**** SUPPLIED RECORDS

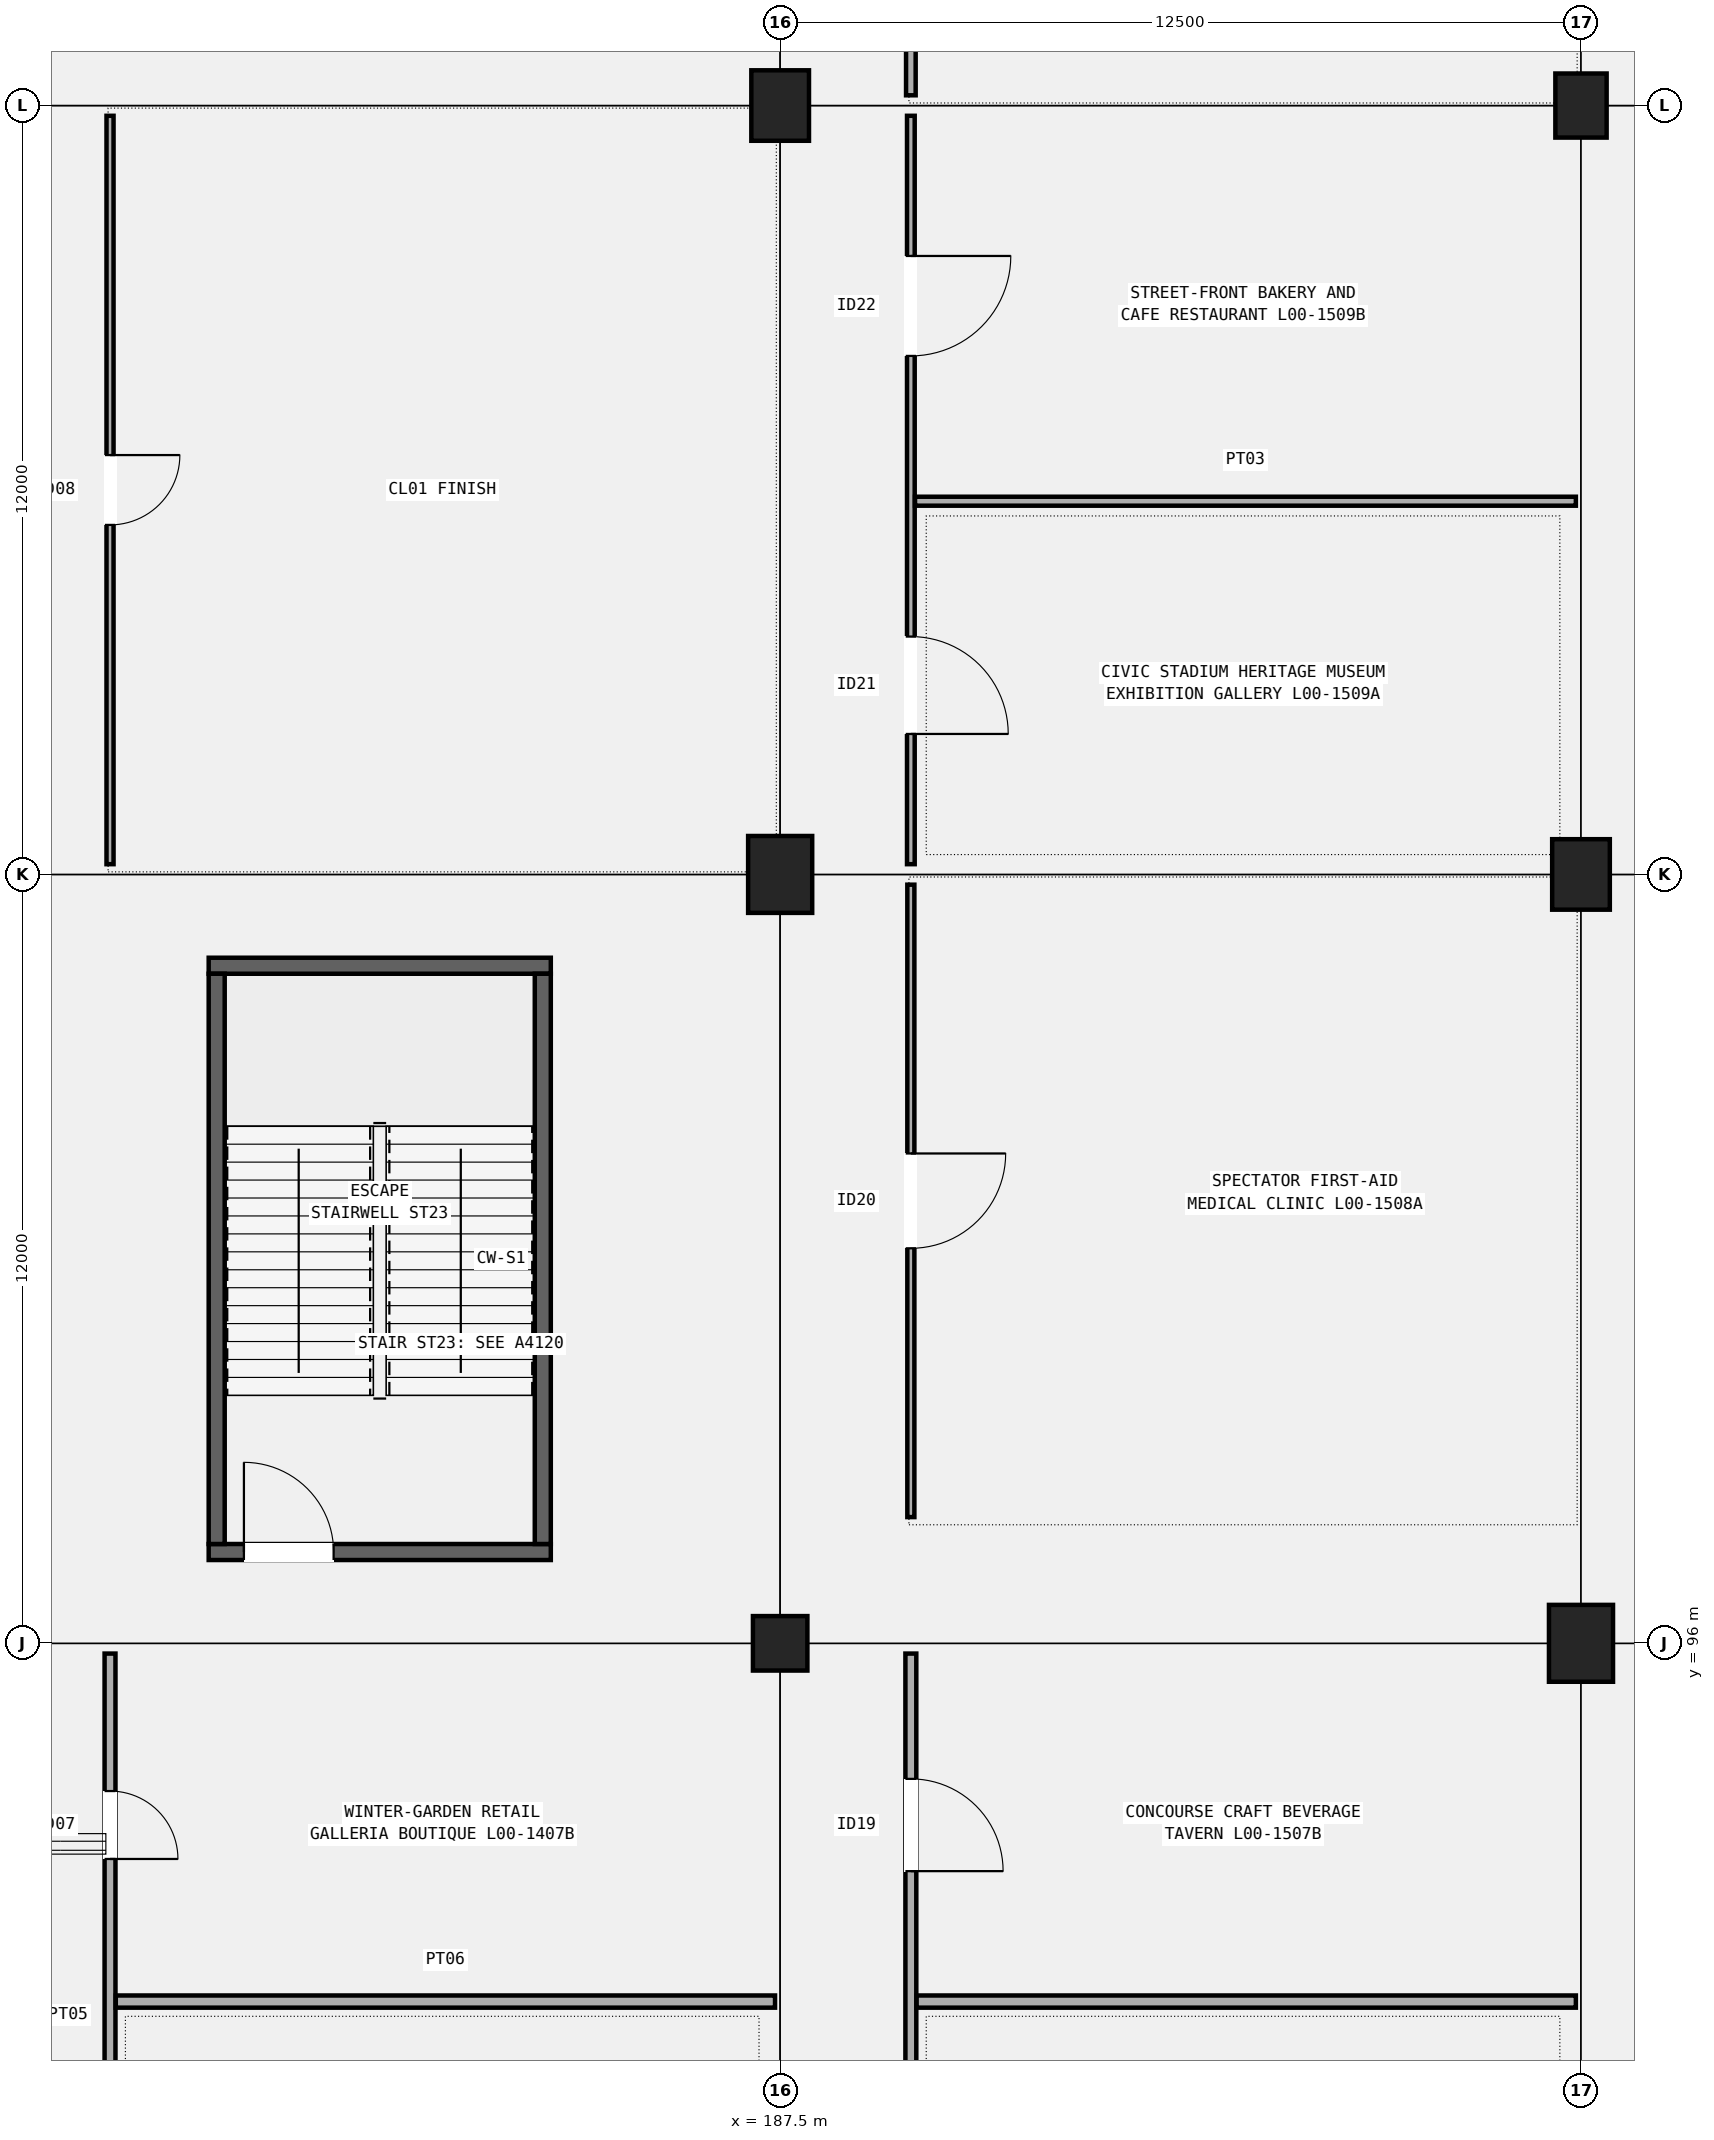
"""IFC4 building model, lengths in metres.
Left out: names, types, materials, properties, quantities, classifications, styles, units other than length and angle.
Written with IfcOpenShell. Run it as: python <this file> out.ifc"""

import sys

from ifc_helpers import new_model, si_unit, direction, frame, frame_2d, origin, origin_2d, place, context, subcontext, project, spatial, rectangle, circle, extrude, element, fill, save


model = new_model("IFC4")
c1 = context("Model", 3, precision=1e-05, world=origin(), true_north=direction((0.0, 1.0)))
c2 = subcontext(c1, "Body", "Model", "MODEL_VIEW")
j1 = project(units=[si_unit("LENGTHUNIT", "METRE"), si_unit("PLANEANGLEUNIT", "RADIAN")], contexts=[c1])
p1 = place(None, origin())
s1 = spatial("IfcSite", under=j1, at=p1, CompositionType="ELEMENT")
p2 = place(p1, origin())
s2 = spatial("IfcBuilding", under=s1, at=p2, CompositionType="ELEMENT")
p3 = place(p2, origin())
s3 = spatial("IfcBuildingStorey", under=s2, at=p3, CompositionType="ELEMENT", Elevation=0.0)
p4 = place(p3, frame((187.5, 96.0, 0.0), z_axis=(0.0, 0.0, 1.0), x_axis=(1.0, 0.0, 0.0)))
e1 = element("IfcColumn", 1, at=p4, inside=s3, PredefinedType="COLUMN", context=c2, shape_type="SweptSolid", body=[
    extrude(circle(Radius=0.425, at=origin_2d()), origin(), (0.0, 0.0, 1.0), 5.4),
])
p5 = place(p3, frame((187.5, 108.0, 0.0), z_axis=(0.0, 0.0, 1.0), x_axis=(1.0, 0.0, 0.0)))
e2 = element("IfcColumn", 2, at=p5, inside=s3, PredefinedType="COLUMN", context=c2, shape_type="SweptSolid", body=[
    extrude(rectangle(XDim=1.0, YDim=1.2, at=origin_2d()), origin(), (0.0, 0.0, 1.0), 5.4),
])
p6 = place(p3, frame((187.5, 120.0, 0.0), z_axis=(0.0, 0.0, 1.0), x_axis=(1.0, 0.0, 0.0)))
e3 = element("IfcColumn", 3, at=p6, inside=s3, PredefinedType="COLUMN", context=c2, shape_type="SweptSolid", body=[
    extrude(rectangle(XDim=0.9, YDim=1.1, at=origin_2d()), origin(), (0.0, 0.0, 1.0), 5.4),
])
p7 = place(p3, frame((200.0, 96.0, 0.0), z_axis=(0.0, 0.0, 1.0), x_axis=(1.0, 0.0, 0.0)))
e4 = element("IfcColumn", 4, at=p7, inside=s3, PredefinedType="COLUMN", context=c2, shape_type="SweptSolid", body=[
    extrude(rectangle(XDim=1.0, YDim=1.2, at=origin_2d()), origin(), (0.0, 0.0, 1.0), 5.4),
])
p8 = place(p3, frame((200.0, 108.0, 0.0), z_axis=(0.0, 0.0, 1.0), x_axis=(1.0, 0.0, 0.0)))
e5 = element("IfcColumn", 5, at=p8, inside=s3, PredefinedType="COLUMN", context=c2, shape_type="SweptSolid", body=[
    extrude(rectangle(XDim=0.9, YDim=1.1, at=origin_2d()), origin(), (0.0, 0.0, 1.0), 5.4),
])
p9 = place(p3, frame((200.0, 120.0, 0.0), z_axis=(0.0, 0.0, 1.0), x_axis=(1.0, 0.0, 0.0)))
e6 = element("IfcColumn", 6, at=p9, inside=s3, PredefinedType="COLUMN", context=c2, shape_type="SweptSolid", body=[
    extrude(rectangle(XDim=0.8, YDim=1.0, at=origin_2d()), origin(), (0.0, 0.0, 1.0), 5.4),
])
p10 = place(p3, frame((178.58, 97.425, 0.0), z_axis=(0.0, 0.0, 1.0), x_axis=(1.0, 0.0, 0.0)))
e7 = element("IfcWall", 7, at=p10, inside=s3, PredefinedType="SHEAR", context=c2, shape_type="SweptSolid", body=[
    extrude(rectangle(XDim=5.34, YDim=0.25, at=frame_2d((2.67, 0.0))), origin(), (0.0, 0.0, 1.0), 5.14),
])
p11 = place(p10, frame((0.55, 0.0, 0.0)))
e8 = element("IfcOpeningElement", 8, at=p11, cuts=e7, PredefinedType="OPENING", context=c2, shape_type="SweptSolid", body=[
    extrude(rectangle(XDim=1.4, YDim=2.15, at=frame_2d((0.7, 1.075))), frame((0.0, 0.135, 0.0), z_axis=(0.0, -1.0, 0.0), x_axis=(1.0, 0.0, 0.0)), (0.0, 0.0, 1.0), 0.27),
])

********

## EXERCISE DETAILS
An exact copy of all entries is needed, with no pictures in it.

## WRITTEN ANSWER
"""IFC4 building model, lengths in metres.
Left out: names, types, materials, properties, quantities, classifications, styles, units other than length and angle.
Written with IfcOpenShell. Run it as: python <this file> out.ifc"""

import sys

from ifc_helpers import new_model, si_unit, direction, frame, frame_2d, origin, origin_2d, place, context, subcontext, project, spatial, rectangle, circle, extrude, element, fill, save


model = new_model("IFC4")
c1 = context("Model", 3, precision=1e-05, world=origin(), true_north=direction((0.0, 1.0)))
c2 = subcontext(c1, "Body", "Model", "MODEL_VIEW")
j1 = project(units=[si_unit("LENGTHUNIT", "METRE"), si_unit("PLANEANGLEUNIT", "RADIAN")], contexts=[c1])
p1 = place(None, origin())
s1 = spatial("IfcSite", under=j1, at=p1, CompositionType="ELEMENT")
p2 = place(p1, origin())
s2 = spatial("IfcBuilding", under=s1, at=p2, CompositionType="ELEMENT")
p3 = place(p2, origin())
s3 = spatial("IfcBuildingStorey", under=s2, at=p3, CompositionType="ELEMENT", Elevation=0.0)
p4 = place(p3, frame((187.5, 96.0, 0.0), z_axis=(0.0, 0.0, 1.0), x_axis=(1.0, 0.0, 0.0)))
e1 = element("IfcColumn", 1, at=p4, inside=s3, PredefinedType="COLUMN", context=c2, shape_type="SweptSolid", body=[
    extrude(circle(Radius=0.425, at=origin_2d()), origin(), (0.0, 0.0, 1.0), 5.4),
])
p5 = place(p3, frame((187.5, 108.0, 0.0), z_axis=(0.0, 0.0, 1.0), x_axis=(1.0, 0.0, 0.0)))
e2 = element("IfcColumn", 2, at=p5, inside=s3, PredefinedType="COLUMN", context=c2, shape_type="SweptSolid", body=[
    extrude(rectangle(XDim=1.0, YDim=1.2, at=origin_2d()), origin(), (0.0, 0.0, 1.0), 5.4),
])
p6 = place(p3, frame((187.5, 120.0, 0.0), z_axis=(0.0, 0.0, 1.0), x_axis=(1.0, 0.0, 0.0)))
e3 = element("IfcColumn", 3, at=p6, inside=s3, PredefinedType="COLUMN", context=c2, shape_type="SweptSolid", body=[
    extrude(rectangle(XDim=0.9, YDim=1.1, at=origin_2d()), origin(), (0.0, 0.0, 1.0), 5.4),
])
p7 = place(p3, frame((200.0, 96.0, 0.0), z_axis=(0.0, 0.0, 1.0), x_axis=(1.0, 0.0, 0.0)))
e4 = element("IfcColumn", 4, at=p7, inside=s3, PredefinedType="COLUMN", context=c2, shape_type="SweptSolid", body=[
    extrude(rectangle(XDim=1.0, YDim=1.2, at=origin_2d()), origin(), (0.0, 0.0, 1.0), 5.4),
])
p8 = place(p3, frame((200.0, 108.0, 0.0), z_axis=(0.0, 0.0, 1.0), x_axis=(1.0, 0.0, 0.0)))
e5 = element("IfcColumn", 5, at=p8, inside=s3, PredefinedType="COLUMN", context=c2, shape_type="SweptSolid", body=[
    extrude(rectangle(XDim=0.9, YDim=1.1, at=origin_2d()), origin(), (0.0, 0.0, 1.0), 5.4),
])
p9 = place(p3, frame((200.0, 120.0, 0.0), z_axis=(0.0, 0.0, 1.0), x_axis=(1.0, 0.0, 0.0)))
e6 = element("IfcColumn", 6, at=p9, inside=s3, PredefinedType="COLUMN", context=c2, shape_type="SweptSolid", body=[
    extrude(rectangle(XDim=0.8, YDim=1.0, at=origin_2d()), origin(), (0.0, 0.0, 1.0), 5.4),
])
p10 = place(p3, frame((178.58, 97.425, 0.0), z_axis=(0.0, 0.0, 1.0), x_axis=(1.0, 0.0, 0.0)))
e7 = element("IfcWall", 7, at=p10, inside=s3, PredefinedType="SHEAR", context=c2, shape_type="SweptSolid", body=[
    extrude(rectangle(XDim=5.34, YDim=0.25, at=frame_2d((2.67, 0.0))), origin(), (0.0, 0.0, 1.0), 5.14),
])
p11 = place(p10, frame((0.55, 0.0, 0.0)))
e8 = element("IfcOpeningElement", 8, at=p11, cuts=e7, PredefinedType="OPENING", context=c2, shape_type="SweptSolid", body=[
    extrude(rectangle(XDim=1.4, YDim=2.15, at=frame_2d((0.7, 1.075))), frame((0.0, 0.135, 0.0), z_axis=(0.0, -1.0, 0.0), x_axis=(1.0, 0.0, 0.0)), (0.0, 0.0, 1.0), 0.27),
])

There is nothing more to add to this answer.